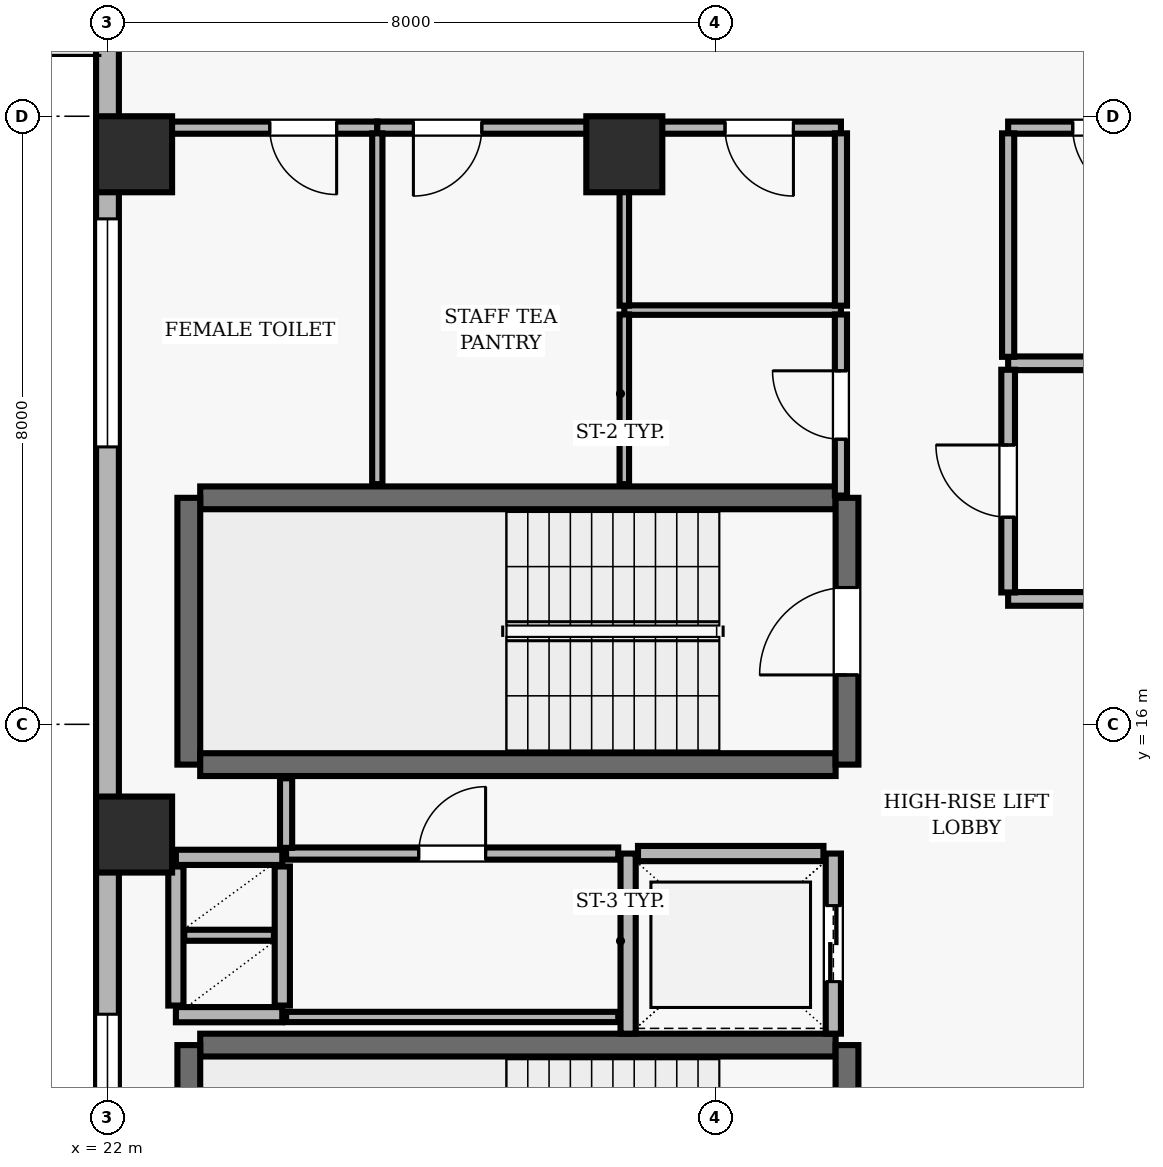
"""IFC4 building model, lengths in metres.
Left out: names, types, materials, properties, quantities, classifications, styles, units other than length and angle.
Written with IfcOpenShell. Run it as: python <this file> out.ifc"""

import sys

from ifc_helpers import new_model, si_unit, direction, frame, frame_2d, origin, origin_2d, place, context, subcontext, project, spatial, rectangle, extrude, element, fill, save


model = new_model("IFC4")
c1 = context("Model", 3, precision=1e-05, world=origin(), true_north=direction((0.0, 1.0)))
c2 = subcontext(c1, "Body", "Model", "MODEL_VIEW")
j1 = project(units=[si_unit("LENGTHUNIT", "METRE"), si_unit("PLANEANGLEUNIT", "RADIAN")], contexts=[c1])
p1 = place(None, origin())
s1 = spatial("IfcSite", under=j1, at=p1, CompositionType="ELEMENT")
p2 = place(p1, origin())
s2 = spatial("IfcBuilding", under=s1, at=p2, CompositionType="ELEMENT")
p3 = place(p2, frame((0.0, 0.0, 195.3)))
s3 = spatial("IfcBuildingStorey", under=s2, at=p3, CompositionType="ELEMENT", Elevation=195.3)
for number, where, z_axis, x_axis in (
    (1, (22.35, 14.55, 0.0), (0.0, 0.0, 1.0), (1.0, 0.0, 0.0)),
    (2, (22.35, 23.5, 0.0), (0.0, 0.0, 1.0), (1.0, 0.0, 0.0)),
    (3, (28.8, 23.5, 0.0), (0.0, 0.0, 1.0), (1.0, 0.0, 0.0)),
):
    element("IfcColumn", number, at=place(p3, frame(where, z_axis=z_axis, x_axis=x_axis)), inside=s3, PredefinedType="COLUMN", context=c2, shape_type="SweptSolid", body=[
        extrude(rectangle(XDim=1.0, YDim=1.0, at=origin_2d()), origin(), (0.0, 0.0, 1.0), 3.9),
    ])
p4 = place(p3, frame((22.0, 40.7, 0.0), z_axis=(0.0, 0.0, 1.0), x_axis=(0.0, -1.0, 0.0)))
e4 = element("IfcWall", 4, at=p4, inside=s3, PredefinedType="SOLIDWALL", context=c2, shape_type="SweptSolid", body=[
    extrude(rectangle(XDim=38.2, YDim=0.3, at=frame_2d((19.1, 0.0))), origin(), (0.0, 0.0, 1.0), 3.69),
])
p5 = place(p4, frame((7.8, 0.0, 0.0)))
e5 = element("IfcOpeningElement", 5, at=p5, cuts=e4, PredefinedType="OPENING", context=c2, shape_type="SweptSolid", body=[
    extrude(rectangle(XDim=1.0, YDim=2.2, at=frame_2d((0.5, 1.1))), frame((0.0, 0.16, 0.0), z_axis=(0.0, -1.0, 0.0), x_axis=(1.0, 0.0, 0.0)), (0.0, 0.0, 1.0), 0.32),
])
p6 = place(p4, frame((1.229, 0.0, 0.9)))
e6 = element("IfcOpeningElement", 6, at=p6, cuts=e4, PredefinedType="OPENING", context=c2, shape_type="SweptSolid", body=[
    extrude(rectangle(XDim=3.0, YDim=2.2, at=frame_2d((1.5, 1.1))), frame((0.0, 0.16, 0.0), z_axis=(0.0, -1.0, 0.0), x_axis=(1.0, 0.0, 0.0)), (0.0, 0.0, 1.0), 0.32),
])
p7 = place(p4, frame((18.05, 0.0, 0.9)))
e7 = element("IfcOpeningElement", 7, at=p7, cuts=e4, PredefinedType="OPENING", context=c2, shape_type="SweptSolid", body=[
    extrude(rectangle(XDim=3.0, YDim=2.2, at=frame_2d((1.5, 1.1))), frame((0.0, 0.16, 0.0), z_axis=(0.0, -1.0, 0.0), x_axis=(1.0, 0.0, 0.0)), (0.0, 0.0, 1.0), 0.32),
])
p8 = place(p4, frame((28.514, 0.0, 0.9)))
e8 = element("IfcOpeningElement", 8, at=p8, cuts=e4, PredefinedType="OPENING", context=c2, shape_type="SweptSolid", body=[
    extrude(rectangle(XDim=3.0, YDim=2.2, at=frame_2d((1.5, 1.1))), frame((0.0, 0.16, 0.0), z_axis=(0.0, -1.0, 0.0), x_axis=(1.0, 0.0, 0.0)), (0.0, 0.0, 1.0), 0.32),
])
p9 = place(p3, frame((31.58, 18.98, 0.0), z_axis=(0.0, 0.0, 1.0), x_axis=(-1.0, 0.0, 0.0)))
e9 = element("IfcWall", 9, at=p9, inside=s3, PredefinedType="SHEAR", context=c2, shape_type="SweptSolid", body=[
    extrude(rectangle(XDim=8.36, YDim=0.3, at=frame_2d((4.18, 0.0))), origin(), (0.0, 0.0, 1.0), 3.69),
])
p10 = place(p3, frame((23.07, 18.98, 0.0), z_axis=(0.0, 0.0, 1.0), x_axis=(0.0, -1.0, 0.0)))
e10 = element("IfcWall", 10, at=p10, inside=s3, PredefinedType="SHEAR", context=c2, shape_type="SweptSolid", body=[
    extrude(rectangle(XDim=3.51, YDim=0.3, at=frame_2d((1.755, 0.0))), origin(), (0.0, 0.0, 1.0), 3.69),
])
p11 = place(p3, frame((23.22, 15.47, 0.0), z_axis=(0.0, 0.0, 1.0), x_axis=(1.0, 0.0, 0.0)))
e11 = element("IfcWall", 11, at=p11, inside=s3, PredefinedType="SHEAR", context=c2, shape_type="SweptSolid", body=[
    extrude(rectangle(XDim=8.36, YDim=0.3, at=frame_2d((4.18, 0.0))), origin(), (0.0, 0.0, 1.0), 3.69),
])
p12 = place(p3, frame((31.73, 15.47, 0.0), z_axis=(0.0, 0.0, 1.0), x_axis=(0.0, 1.0, 0.0)))
e12 = element("IfcWall", 12, at=p12, inside=s3, PredefinedType="SHEAR", context=c2, shape_type="SweptSolid", body=[
    extrude(rectangle(XDim=3.51, YDim=0.3, at=frame_2d((1.755, 0.0))), origin(), (0.0, 0.0, 1.0), 3.69),
])
p13 = place(p12, frame((1.18, 0.0, 0.0)))
e13 = element("IfcOpeningElement", 13, at=p13, cuts=e12, PredefinedType="OPENING", context=c2, shape_type="SweptSolid", body=[
    extrude(rectangle(XDim=1.15, YDim=2.15, at=frame_2d((0.575, 1.075))), frame((0.0, 0.16, 0.0), z_axis=(0.0, -1.0, 0.0), x_axis=(1.0, 0.0, 0.0)), (0.0, 0.0, 1.0), 0.32),
])
p14 = place(p3, frame((31.58, 11.78, 0.0), z_axis=(0.0, 0.0, 1.0), x_axis=(-1.0, 0.0, 0.0)))
e14 = element("IfcWall", 14, at=p14, inside=s3, PredefinedType="SHEAR", context=c2, shape_type="SweptSolid", body=[
    extrude(rectangle(XDim=8.36, YDim=0.3, at=frame_2d((4.18, 0.0))), origin(), (0.0, 0.0, 1.0), 3.69),
])
p15 = place(p3, frame((23.07, 11.78, 0.0), z_axis=(0.0, 0.0, 1.0), x_axis=(0.0, -1.0, 0.0)))
e15 = element("IfcWall", 15, at=p15, inside=s3, PredefinedType="SHEAR", context=c2, shape_type="SweptSolid", body=[
    extrude(rectangle(XDim=3.51, YDim=0.3, at=frame_2d((1.755, 0.0))), origin(), (0.0, 0.0, 1.0), 3.69),
])
p16 = place(p3, frame((31.73, 8.27, 0.0), z_axis=(0.0, 0.0, 1.0), x_axis=(0.0, 1.0, 0.0)))
e16 = element("IfcWall", 16, at=p16, inside=s3, PredefinedType="SHEAR", context=c2, shape_type="SweptSolid", body=[
    extrude(rectangle(XDim=3.51, YDim=0.3, at=frame_2d((1.755, 0.0))), origin(), (0.0, 0.0, 1.0), 3.69),
])
p17 = place(p16, frame((1.18, 0.0, 0.0)))
e17 = element("IfcOpeningElement", 17, at=p17, cuts=e16, PredefinedType="OPENING", context=c2, shape_type="SweptSolid", body=[
    extrude(rectangle(XDim=1.15, YDim=2.15, at=frame_2d((0.575, 1.075))), frame((0.0, 0.16, 0.0), z_axis=(0.0, -1.0, 0.0), x_axis=(1.0, 0.0, 0.0)), (0.0, 0.0, 1.0), 0.32),
])
p18 = place(p3, frame((28.85, 14.3, 0.0), z_axis=(0.0, 0.0, 1.0), x_axis=(0.0, -1.0, 0.0)))
e18 = element("IfcWall", 18, at=p18, inside=s3, PredefinedType="SOLIDWALL", context=c2, shape_type="SweptSolid", body=[
    extrude(rectangle(XDim=2.37, YDim=0.2, at=frame_2d((1.185, 0.0))), origin(), (0.0, 0.0, 1.0), 3.69),
])
p19 = place(p3, frame((31.55, 11.93, 0.0), z_axis=(0.0, 0.0, 1.0), x_axis=(0.0, 1.0, 0.0)))
e19 = element("IfcWall", 19, at=p19, inside=s3, PredefinedType="SOLIDWALL", context=c2, shape_type="SweptSolid", body=[
    extrude(rectangle(XDim=2.37, YDim=0.2, at=frame_2d((1.185, 0.0))), origin(), (0.0, 0.0, 1.0), 3.69),
])
p20 = place(p19, frame((0.685, 0.0, 0.0)))
e20 = element("IfcOpeningElement", 20, at=p20, cuts=e19, PredefinedType="OPENING", context=c2, shape_type="SweptSolid", body=[
    extrude(rectangle(XDim=1.0, YDim=2.1, at=frame_2d((0.5, 1.05))), frame((0.0, 0.11, 0.0), z_axis=(0.0, -1.0, 0.0), x_axis=(1.0, 0.0, 0.0)), (0.0, 0.0, 1.0), 0.22),
])
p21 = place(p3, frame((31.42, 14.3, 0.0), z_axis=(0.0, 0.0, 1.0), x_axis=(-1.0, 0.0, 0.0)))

§ §

**TASK:** Gather up every line in the data above that contains the word "IfcOpeningElement", copying each one.

**RESPONSE TO THIS TASK:**
e5 = element("IfcOpeningElement", 5, at=p5, cuts=e4, PredefinedType="OPENING", context=c2, shape_type="SweptSolid", body=[
e6 = element("IfcOpeningElement", 6, at=p6, cuts=e4, PredefinedType="OPENING", context=c2, shape_type="SweptSolid", body=[
e7 = element("IfcOpeningElement", 7, at=p7, cuts=e4, PredefinedType="OPENING", context=c2, shape_type="SweptSolid", body=[
e8 = element("IfcOpeningElement", 8, at=p8, cuts=e4, PredefinedType="OPENING", context=c2, shape_type="SweptSolid", body=[
e13 = element("IfcOpeningElement", 13, at=p13, cuts=e12, PredefinedType="OPENING", context=c2, shape_type="SweptSolid", body=[
e17 = element("IfcOpeningElement", 17, at=p17, cuts=e16, PredefinedType="OPENING", context=c2, shape_type="SweptSolid", body=[
e20 = element("IfcOpeningElement", 20, at=p20, cuts=e19, PredefinedType="OPENING", context=c2, shape_type="SweptSolid", body=[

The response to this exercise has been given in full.